**YOUR ASSIGNMENT**
Tell how many lines of the material below hold "import". The reply is that number alone.
• • • •
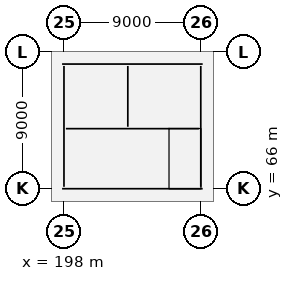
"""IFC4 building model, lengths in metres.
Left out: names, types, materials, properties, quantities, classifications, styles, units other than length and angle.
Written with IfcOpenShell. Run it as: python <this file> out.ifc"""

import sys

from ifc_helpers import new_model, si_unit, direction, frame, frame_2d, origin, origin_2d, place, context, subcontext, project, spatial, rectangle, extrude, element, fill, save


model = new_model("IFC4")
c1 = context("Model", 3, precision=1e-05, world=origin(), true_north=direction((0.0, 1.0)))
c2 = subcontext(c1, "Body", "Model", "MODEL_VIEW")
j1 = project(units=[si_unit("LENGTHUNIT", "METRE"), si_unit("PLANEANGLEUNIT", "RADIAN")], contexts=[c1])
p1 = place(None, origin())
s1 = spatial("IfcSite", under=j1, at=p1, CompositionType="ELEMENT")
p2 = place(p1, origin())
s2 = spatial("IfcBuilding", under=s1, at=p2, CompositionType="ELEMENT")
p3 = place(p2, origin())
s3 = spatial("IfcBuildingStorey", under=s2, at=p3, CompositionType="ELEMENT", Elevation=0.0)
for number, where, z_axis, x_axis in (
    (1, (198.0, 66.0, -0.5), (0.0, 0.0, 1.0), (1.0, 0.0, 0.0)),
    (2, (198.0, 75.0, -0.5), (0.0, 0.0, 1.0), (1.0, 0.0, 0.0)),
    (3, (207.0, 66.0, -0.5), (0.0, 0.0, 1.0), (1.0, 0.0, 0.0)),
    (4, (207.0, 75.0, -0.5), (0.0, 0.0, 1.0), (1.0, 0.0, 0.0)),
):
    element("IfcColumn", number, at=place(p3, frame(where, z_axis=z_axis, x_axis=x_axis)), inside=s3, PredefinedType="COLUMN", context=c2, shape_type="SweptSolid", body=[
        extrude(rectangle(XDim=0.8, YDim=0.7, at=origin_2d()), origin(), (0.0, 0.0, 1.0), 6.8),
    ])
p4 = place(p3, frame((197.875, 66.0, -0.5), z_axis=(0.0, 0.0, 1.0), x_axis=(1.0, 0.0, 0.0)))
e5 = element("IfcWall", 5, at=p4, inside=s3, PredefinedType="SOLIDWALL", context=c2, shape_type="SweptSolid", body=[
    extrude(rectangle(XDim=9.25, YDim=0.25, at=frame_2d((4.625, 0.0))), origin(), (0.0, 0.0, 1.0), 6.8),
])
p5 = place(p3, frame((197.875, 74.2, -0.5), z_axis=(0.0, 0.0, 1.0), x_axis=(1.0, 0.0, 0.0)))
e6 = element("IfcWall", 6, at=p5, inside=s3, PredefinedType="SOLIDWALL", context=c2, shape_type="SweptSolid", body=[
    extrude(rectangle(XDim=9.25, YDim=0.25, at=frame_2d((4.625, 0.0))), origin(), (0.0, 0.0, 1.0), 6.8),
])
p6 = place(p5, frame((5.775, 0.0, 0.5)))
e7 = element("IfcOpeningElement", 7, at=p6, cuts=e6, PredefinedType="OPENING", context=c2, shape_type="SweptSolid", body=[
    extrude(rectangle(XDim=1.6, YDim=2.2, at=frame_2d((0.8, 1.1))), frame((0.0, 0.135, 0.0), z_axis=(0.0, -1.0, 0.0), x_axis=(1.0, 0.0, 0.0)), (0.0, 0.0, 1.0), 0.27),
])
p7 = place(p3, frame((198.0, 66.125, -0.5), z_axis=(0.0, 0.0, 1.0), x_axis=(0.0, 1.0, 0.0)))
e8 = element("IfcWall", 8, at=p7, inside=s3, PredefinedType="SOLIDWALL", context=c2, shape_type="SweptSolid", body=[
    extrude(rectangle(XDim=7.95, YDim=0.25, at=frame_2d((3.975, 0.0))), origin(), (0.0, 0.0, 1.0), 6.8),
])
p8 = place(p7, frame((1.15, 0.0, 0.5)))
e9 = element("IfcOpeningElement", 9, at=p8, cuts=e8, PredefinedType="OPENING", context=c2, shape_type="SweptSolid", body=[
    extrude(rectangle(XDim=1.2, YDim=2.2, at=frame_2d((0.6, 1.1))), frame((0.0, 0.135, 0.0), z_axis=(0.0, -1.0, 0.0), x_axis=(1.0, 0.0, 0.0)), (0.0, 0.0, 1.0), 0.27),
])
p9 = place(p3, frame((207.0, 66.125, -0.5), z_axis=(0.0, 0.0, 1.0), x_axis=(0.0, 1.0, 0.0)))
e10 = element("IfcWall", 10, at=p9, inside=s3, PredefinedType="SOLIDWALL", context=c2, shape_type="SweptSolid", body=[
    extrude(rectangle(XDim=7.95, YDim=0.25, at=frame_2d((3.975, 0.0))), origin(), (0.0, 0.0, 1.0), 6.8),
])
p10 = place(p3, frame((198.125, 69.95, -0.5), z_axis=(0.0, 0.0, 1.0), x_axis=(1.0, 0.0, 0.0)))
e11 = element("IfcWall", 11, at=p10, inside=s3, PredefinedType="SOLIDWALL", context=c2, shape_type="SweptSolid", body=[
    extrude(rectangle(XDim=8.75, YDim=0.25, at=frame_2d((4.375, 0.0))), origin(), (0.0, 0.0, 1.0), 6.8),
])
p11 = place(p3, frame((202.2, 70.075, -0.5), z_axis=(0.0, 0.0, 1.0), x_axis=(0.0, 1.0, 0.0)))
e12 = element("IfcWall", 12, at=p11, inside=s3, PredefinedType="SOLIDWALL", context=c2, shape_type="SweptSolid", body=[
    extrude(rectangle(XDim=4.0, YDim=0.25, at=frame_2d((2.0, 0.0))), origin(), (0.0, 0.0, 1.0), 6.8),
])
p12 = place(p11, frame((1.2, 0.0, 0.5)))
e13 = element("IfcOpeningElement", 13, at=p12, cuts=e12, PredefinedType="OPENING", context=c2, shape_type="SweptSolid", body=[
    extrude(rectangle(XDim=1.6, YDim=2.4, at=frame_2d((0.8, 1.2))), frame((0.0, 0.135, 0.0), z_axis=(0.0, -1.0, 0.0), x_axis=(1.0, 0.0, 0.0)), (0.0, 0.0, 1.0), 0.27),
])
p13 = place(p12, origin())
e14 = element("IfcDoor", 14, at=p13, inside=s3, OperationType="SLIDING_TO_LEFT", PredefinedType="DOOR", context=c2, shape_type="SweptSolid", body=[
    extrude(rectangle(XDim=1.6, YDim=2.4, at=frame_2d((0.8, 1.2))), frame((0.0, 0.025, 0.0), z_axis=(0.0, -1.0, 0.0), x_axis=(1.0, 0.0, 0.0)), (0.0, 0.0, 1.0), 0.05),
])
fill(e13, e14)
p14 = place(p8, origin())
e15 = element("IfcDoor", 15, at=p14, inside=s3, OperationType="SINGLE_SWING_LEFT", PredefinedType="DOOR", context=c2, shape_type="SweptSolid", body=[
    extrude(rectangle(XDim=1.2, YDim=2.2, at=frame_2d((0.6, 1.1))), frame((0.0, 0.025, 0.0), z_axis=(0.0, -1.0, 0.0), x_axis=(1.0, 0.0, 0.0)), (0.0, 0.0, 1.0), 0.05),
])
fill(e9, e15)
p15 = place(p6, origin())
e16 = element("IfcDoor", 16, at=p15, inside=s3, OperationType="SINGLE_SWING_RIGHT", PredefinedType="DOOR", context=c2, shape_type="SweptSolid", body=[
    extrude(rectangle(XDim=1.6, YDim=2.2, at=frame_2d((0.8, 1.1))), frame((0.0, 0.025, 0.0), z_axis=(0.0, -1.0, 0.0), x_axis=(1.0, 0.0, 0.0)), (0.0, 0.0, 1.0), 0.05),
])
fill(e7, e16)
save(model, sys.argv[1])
• • • •
**TASK OUTPUT**
2